• **Exercise brief**
Would you please copy each line below that includes the string "edges"?

*** Opening of Data provided ***

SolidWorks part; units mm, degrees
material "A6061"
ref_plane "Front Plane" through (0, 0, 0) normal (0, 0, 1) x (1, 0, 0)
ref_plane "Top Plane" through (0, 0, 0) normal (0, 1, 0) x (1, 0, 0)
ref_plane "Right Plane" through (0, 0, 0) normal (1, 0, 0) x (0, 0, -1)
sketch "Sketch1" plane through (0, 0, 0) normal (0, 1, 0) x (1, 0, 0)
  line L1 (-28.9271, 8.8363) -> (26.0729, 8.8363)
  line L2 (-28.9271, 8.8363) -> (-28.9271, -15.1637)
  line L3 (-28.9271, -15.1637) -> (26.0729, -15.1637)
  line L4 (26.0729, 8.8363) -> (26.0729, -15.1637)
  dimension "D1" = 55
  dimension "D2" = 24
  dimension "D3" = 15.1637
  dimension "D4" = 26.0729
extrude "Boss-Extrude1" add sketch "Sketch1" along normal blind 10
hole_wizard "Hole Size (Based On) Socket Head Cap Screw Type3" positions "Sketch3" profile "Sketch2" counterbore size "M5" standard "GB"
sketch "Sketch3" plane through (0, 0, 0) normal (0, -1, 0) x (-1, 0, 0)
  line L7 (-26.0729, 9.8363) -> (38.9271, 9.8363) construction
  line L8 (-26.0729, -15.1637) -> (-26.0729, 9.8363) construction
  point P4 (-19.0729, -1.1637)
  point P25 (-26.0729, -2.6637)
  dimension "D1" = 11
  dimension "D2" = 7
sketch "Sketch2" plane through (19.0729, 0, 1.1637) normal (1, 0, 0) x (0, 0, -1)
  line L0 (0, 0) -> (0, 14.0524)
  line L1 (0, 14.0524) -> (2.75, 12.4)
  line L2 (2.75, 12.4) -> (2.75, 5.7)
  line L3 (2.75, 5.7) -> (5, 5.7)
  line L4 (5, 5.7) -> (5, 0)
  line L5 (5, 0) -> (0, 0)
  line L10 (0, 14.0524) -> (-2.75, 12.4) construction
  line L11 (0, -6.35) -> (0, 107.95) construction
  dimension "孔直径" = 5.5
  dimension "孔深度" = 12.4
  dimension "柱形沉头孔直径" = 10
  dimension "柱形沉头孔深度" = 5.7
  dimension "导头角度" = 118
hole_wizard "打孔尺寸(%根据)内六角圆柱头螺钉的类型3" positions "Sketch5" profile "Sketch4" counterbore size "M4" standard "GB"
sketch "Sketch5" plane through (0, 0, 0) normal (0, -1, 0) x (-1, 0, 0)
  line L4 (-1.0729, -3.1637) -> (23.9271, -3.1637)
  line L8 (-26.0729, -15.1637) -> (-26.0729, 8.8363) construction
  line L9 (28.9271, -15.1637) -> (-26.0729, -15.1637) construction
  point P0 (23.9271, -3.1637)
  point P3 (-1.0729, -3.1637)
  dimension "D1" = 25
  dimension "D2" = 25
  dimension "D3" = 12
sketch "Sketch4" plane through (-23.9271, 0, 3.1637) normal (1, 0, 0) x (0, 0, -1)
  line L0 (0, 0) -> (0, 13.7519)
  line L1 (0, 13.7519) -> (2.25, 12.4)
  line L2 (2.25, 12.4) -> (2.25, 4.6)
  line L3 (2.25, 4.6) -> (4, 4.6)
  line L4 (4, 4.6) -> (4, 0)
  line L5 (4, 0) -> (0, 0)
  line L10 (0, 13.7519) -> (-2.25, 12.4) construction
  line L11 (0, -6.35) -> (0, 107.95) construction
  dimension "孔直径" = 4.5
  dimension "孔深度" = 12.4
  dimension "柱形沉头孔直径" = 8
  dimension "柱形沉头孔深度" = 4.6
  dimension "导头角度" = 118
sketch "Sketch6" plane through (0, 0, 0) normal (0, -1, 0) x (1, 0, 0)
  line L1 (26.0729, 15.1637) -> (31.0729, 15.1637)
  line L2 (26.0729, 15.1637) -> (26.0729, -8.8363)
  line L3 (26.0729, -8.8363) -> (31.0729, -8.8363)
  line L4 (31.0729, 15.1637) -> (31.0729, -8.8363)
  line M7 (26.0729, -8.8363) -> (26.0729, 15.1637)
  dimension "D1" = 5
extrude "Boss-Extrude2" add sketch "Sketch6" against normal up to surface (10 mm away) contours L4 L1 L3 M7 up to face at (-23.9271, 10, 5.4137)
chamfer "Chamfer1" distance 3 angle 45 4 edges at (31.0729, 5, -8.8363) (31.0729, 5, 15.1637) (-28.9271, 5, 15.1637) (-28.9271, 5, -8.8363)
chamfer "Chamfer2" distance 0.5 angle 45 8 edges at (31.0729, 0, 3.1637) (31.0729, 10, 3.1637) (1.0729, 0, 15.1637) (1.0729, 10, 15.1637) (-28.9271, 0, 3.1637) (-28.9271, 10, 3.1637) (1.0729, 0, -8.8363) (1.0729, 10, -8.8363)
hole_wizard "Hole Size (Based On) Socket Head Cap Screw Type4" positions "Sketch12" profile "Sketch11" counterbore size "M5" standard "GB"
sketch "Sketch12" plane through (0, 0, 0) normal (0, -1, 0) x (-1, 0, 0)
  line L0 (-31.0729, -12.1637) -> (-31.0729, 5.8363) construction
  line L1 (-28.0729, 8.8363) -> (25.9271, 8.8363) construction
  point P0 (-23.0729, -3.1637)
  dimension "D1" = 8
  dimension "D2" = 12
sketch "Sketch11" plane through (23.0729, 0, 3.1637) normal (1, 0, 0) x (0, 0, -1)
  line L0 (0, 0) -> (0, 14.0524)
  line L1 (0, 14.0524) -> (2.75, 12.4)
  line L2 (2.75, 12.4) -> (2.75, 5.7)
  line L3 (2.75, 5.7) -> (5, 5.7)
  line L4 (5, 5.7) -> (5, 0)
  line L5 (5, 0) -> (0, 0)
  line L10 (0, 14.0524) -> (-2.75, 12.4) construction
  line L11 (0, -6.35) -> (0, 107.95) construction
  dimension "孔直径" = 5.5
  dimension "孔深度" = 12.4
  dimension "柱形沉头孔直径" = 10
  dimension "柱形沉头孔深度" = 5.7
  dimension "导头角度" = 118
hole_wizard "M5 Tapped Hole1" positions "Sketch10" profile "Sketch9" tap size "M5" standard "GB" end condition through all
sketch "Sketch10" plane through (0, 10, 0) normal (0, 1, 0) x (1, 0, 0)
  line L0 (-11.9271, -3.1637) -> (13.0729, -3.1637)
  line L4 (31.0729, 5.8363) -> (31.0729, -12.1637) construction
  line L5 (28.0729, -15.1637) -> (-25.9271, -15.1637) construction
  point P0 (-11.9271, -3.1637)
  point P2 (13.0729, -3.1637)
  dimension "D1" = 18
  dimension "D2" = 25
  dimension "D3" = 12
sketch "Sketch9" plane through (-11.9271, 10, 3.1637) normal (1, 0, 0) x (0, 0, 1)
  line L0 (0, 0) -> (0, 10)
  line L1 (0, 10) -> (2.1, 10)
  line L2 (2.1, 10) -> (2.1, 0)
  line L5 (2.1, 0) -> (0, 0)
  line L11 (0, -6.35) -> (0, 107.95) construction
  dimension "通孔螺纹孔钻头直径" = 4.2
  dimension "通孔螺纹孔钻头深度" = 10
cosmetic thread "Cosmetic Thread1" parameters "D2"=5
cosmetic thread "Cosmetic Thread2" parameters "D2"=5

*** Close of Data provided ***

• **Response to the exercise**
chamfer "Chamfer1" distance 3 angle 45 4 edges at (31.0729, 5, -8.8363) (31.0729, 5, 15.1637) (-28.9271, 5, 15.1637) (-28.9271, 5, -8.8363)
chamfer "Chamfer2" distance 0.5 angle 45 8 edges at (31.0729, 0, 3.1637) (31.0729, 10, 3.1637) (1.0729, 0, 15.1637) (1.0729, 10, 15.1637) (-28.9271, 0, 3.1637) (-28.9271, 10, 3.1637) (1.0729, 0, -8.8363) (1.0729, 10, -8.8363)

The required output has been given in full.